Provided information:
╔══

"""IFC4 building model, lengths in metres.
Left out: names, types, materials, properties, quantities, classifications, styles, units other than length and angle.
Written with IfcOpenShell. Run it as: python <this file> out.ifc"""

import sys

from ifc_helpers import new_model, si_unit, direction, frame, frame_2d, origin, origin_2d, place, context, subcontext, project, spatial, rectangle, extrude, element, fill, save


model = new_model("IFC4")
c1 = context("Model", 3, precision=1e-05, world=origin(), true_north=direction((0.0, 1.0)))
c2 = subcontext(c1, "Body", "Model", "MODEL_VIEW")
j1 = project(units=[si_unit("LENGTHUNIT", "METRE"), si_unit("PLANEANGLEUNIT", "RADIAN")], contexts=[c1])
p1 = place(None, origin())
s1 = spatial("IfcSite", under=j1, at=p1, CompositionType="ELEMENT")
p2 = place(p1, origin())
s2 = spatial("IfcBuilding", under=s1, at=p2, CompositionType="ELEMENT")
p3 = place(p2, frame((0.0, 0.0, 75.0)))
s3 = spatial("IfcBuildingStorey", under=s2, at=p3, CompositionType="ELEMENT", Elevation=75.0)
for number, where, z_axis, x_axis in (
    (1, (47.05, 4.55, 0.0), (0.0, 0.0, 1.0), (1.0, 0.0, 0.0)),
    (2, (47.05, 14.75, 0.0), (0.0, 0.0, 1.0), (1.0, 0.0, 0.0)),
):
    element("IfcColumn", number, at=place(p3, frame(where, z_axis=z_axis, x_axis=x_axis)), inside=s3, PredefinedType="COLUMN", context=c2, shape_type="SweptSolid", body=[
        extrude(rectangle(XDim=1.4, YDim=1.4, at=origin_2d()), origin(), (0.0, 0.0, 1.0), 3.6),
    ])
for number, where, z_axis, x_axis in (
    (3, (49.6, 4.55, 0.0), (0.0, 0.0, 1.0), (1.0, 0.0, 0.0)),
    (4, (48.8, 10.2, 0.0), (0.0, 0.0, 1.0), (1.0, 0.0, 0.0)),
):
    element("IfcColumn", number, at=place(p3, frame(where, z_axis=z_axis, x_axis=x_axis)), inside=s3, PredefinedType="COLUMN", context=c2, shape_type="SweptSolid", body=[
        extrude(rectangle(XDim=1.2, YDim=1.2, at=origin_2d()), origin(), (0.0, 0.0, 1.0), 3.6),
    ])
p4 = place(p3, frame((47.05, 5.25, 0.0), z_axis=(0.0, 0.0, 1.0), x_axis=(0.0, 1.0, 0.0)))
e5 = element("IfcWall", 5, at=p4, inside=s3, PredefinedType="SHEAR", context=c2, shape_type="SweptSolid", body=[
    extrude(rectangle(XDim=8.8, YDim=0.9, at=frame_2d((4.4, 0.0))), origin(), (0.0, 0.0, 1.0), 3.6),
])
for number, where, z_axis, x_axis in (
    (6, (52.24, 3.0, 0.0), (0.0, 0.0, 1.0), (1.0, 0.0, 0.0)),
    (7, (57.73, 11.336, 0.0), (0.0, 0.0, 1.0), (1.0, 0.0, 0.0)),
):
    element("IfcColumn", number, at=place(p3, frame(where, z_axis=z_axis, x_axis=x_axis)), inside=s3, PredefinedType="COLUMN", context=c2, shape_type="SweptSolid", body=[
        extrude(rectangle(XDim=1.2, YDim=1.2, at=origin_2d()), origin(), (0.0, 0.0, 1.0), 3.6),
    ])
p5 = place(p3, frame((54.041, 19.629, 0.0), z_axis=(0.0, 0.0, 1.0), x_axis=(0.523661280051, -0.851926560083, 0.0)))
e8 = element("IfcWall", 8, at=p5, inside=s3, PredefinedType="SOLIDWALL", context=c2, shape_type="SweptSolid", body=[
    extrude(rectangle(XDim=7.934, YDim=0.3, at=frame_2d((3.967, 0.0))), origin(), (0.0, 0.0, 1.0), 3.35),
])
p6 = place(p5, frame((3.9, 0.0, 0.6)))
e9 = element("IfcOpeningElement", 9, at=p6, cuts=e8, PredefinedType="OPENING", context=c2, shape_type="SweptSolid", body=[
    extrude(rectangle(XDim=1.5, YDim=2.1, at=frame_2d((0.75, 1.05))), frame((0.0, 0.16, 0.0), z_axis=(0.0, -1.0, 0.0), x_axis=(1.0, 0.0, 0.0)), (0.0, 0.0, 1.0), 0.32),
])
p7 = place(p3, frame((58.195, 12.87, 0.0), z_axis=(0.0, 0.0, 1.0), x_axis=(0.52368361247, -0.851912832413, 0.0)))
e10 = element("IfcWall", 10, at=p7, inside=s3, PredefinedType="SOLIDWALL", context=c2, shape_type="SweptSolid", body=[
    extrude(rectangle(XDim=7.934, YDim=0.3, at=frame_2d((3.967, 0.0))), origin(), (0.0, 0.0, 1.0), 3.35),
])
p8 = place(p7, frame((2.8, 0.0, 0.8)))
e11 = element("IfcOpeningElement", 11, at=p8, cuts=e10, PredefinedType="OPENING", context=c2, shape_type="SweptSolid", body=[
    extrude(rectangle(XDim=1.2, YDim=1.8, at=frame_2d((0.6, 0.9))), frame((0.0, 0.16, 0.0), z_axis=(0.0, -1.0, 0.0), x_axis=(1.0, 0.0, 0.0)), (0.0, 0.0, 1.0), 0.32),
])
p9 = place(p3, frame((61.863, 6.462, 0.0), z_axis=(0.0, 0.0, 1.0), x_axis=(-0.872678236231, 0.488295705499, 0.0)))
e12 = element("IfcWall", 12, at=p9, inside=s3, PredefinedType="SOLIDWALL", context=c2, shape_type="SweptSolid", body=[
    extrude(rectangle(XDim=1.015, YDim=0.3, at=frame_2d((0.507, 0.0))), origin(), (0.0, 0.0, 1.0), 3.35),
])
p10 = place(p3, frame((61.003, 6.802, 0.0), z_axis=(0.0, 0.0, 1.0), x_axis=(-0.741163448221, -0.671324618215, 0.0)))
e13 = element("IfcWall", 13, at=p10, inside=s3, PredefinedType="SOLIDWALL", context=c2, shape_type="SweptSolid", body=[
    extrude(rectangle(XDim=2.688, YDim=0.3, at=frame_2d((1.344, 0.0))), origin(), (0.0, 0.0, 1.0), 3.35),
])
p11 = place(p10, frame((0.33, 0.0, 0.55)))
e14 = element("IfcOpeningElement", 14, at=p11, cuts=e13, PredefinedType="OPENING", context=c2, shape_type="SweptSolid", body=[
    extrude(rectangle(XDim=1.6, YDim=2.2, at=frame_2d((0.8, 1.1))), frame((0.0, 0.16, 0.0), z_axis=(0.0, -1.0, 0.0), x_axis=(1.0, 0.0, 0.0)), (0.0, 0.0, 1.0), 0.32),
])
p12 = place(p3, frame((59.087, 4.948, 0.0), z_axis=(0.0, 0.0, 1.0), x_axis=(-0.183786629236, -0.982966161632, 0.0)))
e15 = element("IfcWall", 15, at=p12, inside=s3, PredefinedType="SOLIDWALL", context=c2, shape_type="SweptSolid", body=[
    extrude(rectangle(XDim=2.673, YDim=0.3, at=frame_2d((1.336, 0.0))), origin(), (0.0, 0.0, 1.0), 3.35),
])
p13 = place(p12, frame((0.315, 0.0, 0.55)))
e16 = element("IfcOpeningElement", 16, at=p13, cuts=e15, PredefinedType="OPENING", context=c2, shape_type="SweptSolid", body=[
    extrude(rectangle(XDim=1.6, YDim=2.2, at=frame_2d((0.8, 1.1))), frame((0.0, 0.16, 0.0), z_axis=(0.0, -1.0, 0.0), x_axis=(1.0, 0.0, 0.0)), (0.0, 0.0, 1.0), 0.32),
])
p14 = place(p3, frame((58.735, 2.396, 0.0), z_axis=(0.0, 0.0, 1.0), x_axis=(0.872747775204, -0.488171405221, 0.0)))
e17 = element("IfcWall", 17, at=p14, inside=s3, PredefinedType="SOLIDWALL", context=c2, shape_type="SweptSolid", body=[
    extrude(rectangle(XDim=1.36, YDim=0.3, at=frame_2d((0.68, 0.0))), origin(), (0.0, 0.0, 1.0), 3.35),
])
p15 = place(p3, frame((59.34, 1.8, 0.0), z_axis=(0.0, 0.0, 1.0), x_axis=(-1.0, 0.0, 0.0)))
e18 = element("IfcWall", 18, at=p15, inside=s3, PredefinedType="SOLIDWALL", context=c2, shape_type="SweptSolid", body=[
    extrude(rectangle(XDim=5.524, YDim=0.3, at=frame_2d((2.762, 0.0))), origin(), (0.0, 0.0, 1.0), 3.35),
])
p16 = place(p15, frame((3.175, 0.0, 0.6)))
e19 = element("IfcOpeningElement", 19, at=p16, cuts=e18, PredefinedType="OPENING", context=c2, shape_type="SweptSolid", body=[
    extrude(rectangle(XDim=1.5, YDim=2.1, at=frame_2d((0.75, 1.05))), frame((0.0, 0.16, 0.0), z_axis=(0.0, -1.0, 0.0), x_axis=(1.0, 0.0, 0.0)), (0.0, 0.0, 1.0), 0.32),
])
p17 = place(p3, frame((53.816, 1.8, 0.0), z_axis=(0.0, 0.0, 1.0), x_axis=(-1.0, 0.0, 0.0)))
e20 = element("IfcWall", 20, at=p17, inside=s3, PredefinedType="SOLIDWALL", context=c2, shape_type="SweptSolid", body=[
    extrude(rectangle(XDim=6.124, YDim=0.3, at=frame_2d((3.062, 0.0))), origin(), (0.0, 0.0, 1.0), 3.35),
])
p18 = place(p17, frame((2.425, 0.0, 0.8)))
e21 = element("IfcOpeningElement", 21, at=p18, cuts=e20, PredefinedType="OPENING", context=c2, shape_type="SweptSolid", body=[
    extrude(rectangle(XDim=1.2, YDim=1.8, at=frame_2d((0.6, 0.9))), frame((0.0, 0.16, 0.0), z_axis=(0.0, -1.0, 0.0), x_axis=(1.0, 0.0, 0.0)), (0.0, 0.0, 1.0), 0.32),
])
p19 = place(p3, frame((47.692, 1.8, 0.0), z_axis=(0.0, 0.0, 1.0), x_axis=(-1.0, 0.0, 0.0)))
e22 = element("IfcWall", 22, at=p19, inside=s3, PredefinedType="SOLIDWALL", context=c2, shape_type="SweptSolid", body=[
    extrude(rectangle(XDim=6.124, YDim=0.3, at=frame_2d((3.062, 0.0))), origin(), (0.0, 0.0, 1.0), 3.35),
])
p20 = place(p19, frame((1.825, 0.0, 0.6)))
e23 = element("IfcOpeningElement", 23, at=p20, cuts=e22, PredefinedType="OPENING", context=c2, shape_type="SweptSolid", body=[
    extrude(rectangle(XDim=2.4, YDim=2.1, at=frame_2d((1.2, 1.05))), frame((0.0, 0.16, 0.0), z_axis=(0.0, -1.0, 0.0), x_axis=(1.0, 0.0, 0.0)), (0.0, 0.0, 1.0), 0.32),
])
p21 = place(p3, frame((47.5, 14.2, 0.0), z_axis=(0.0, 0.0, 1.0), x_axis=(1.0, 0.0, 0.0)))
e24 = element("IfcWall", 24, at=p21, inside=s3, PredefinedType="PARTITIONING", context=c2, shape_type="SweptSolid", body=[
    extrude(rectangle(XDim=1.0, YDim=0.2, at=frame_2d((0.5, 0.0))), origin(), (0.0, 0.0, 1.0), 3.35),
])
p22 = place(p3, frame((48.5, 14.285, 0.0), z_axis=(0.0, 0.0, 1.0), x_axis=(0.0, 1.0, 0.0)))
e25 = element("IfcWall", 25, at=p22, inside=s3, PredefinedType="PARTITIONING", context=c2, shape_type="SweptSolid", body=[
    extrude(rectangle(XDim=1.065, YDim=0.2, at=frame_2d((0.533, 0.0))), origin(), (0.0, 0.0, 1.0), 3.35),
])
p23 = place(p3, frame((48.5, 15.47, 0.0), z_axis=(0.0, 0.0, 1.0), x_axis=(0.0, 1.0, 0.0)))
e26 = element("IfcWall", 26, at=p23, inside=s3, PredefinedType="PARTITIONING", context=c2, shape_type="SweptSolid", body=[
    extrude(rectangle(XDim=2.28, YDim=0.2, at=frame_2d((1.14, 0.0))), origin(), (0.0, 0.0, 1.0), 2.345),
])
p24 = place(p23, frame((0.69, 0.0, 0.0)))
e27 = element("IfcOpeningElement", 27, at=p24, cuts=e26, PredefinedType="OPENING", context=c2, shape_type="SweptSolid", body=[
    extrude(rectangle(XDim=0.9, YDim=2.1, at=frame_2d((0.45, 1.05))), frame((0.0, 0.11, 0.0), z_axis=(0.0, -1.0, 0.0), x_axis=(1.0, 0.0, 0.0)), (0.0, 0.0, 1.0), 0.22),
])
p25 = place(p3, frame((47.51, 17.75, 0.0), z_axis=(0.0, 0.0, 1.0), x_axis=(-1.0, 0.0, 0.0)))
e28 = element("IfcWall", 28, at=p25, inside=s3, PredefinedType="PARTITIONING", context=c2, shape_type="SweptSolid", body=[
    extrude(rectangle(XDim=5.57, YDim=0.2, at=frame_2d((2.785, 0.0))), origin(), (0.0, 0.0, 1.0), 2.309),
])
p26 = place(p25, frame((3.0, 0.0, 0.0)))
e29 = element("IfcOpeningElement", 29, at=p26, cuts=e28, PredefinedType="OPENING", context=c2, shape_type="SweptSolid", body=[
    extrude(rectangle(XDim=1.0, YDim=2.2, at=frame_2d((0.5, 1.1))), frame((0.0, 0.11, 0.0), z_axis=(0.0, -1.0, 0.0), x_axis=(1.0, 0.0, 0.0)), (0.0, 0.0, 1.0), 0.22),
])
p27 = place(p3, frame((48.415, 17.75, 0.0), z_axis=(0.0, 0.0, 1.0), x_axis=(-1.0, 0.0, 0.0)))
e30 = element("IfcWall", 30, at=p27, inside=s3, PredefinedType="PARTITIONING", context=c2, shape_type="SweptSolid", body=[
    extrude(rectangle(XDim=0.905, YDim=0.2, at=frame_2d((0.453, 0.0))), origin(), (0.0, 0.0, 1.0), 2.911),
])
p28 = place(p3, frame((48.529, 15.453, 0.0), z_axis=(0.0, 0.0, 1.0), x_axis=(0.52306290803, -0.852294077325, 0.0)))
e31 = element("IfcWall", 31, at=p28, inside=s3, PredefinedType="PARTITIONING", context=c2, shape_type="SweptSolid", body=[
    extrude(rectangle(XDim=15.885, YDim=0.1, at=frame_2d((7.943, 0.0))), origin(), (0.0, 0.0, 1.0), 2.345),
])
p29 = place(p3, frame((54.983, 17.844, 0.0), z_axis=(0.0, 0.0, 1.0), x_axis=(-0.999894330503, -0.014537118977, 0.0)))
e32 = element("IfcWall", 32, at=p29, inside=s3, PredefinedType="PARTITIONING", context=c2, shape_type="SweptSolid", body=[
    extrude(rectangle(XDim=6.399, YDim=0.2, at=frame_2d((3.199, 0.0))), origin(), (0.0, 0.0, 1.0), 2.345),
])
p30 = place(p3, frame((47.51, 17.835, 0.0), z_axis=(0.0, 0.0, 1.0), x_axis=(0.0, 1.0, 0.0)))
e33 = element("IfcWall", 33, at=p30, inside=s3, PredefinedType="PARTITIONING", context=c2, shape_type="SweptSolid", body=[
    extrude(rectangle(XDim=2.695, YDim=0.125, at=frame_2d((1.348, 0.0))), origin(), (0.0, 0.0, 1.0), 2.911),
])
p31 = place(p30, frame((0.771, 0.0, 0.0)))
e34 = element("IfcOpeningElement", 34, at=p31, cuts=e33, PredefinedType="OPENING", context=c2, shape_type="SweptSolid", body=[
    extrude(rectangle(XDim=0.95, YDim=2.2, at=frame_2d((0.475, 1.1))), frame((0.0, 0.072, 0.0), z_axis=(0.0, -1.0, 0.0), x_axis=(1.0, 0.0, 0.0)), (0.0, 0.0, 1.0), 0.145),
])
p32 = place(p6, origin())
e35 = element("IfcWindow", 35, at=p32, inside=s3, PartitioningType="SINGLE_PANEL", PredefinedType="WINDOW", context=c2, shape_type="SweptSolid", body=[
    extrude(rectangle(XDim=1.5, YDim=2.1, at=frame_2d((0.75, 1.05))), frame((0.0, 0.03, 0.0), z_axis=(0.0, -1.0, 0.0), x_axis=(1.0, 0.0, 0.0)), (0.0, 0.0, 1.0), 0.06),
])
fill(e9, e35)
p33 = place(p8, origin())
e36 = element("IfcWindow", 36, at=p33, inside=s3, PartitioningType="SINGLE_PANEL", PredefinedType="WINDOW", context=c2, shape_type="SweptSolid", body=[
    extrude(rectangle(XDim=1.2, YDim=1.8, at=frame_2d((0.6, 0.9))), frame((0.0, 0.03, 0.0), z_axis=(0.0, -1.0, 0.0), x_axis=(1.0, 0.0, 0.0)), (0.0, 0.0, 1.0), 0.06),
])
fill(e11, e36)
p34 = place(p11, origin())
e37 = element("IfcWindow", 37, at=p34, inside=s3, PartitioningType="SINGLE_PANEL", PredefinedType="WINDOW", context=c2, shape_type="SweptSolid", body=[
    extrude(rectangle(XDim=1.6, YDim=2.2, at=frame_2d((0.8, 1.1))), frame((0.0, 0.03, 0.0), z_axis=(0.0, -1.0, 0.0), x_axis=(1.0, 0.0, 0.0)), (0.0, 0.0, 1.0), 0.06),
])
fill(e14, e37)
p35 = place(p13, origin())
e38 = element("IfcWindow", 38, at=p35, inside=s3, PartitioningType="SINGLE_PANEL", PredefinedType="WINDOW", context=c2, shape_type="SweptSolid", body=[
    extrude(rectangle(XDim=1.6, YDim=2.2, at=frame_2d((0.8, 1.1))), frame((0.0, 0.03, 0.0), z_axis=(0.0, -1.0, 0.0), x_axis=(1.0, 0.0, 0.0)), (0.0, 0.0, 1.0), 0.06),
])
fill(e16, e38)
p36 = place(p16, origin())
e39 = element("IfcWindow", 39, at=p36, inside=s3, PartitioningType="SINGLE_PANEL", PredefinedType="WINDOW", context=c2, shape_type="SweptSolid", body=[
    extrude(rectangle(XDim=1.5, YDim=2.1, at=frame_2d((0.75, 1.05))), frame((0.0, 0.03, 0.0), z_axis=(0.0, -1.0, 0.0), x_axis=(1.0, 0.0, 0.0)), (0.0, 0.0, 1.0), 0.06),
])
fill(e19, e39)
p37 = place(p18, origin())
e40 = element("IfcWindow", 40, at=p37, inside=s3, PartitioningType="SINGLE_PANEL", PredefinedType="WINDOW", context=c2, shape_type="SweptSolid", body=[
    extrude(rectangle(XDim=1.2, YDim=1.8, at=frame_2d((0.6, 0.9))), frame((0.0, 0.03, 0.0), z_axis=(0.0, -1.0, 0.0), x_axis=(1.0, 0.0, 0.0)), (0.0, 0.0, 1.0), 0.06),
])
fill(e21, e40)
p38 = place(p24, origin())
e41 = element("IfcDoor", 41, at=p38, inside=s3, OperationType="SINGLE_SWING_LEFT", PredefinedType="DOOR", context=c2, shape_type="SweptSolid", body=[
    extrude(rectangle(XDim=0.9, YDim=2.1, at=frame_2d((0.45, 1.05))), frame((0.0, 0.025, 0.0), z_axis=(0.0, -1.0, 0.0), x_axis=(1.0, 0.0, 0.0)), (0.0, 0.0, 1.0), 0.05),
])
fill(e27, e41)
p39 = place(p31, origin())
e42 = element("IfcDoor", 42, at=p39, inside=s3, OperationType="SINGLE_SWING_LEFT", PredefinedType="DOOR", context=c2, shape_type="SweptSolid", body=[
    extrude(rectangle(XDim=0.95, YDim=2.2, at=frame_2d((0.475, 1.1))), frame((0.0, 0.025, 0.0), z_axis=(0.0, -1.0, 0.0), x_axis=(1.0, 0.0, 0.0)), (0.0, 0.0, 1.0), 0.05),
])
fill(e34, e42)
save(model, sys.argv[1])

╚══

Task prompt:
In the entries above, find the line with "p35 = place(p13, origin())" and the line with "p36 = place(p16, origin())", then set down exactly those two and every line between them, nothing else.

Response to this task:
p35 = place(p13, origin())
e38 = element("IfcWindow", 38, at=p35, inside=s3, PartitioningType="SINGLE_PANEL", PredefinedType="WINDOW", context=c2, shape_type="SweptSolid", body=[
    extrude(rectangle(XDim=1.6, YDim=2.2, at=frame_2d((0.8, 1.1))), frame((0.0, 0.03, 0.0), z_axis=(0.0, -1.0, 0.0), x_axis=(1.0, 0.0, 0.0)), (0.0, 0.0, 1.0), 0.06),
])
fill(e16, e38)
p36 = place(p16, origin())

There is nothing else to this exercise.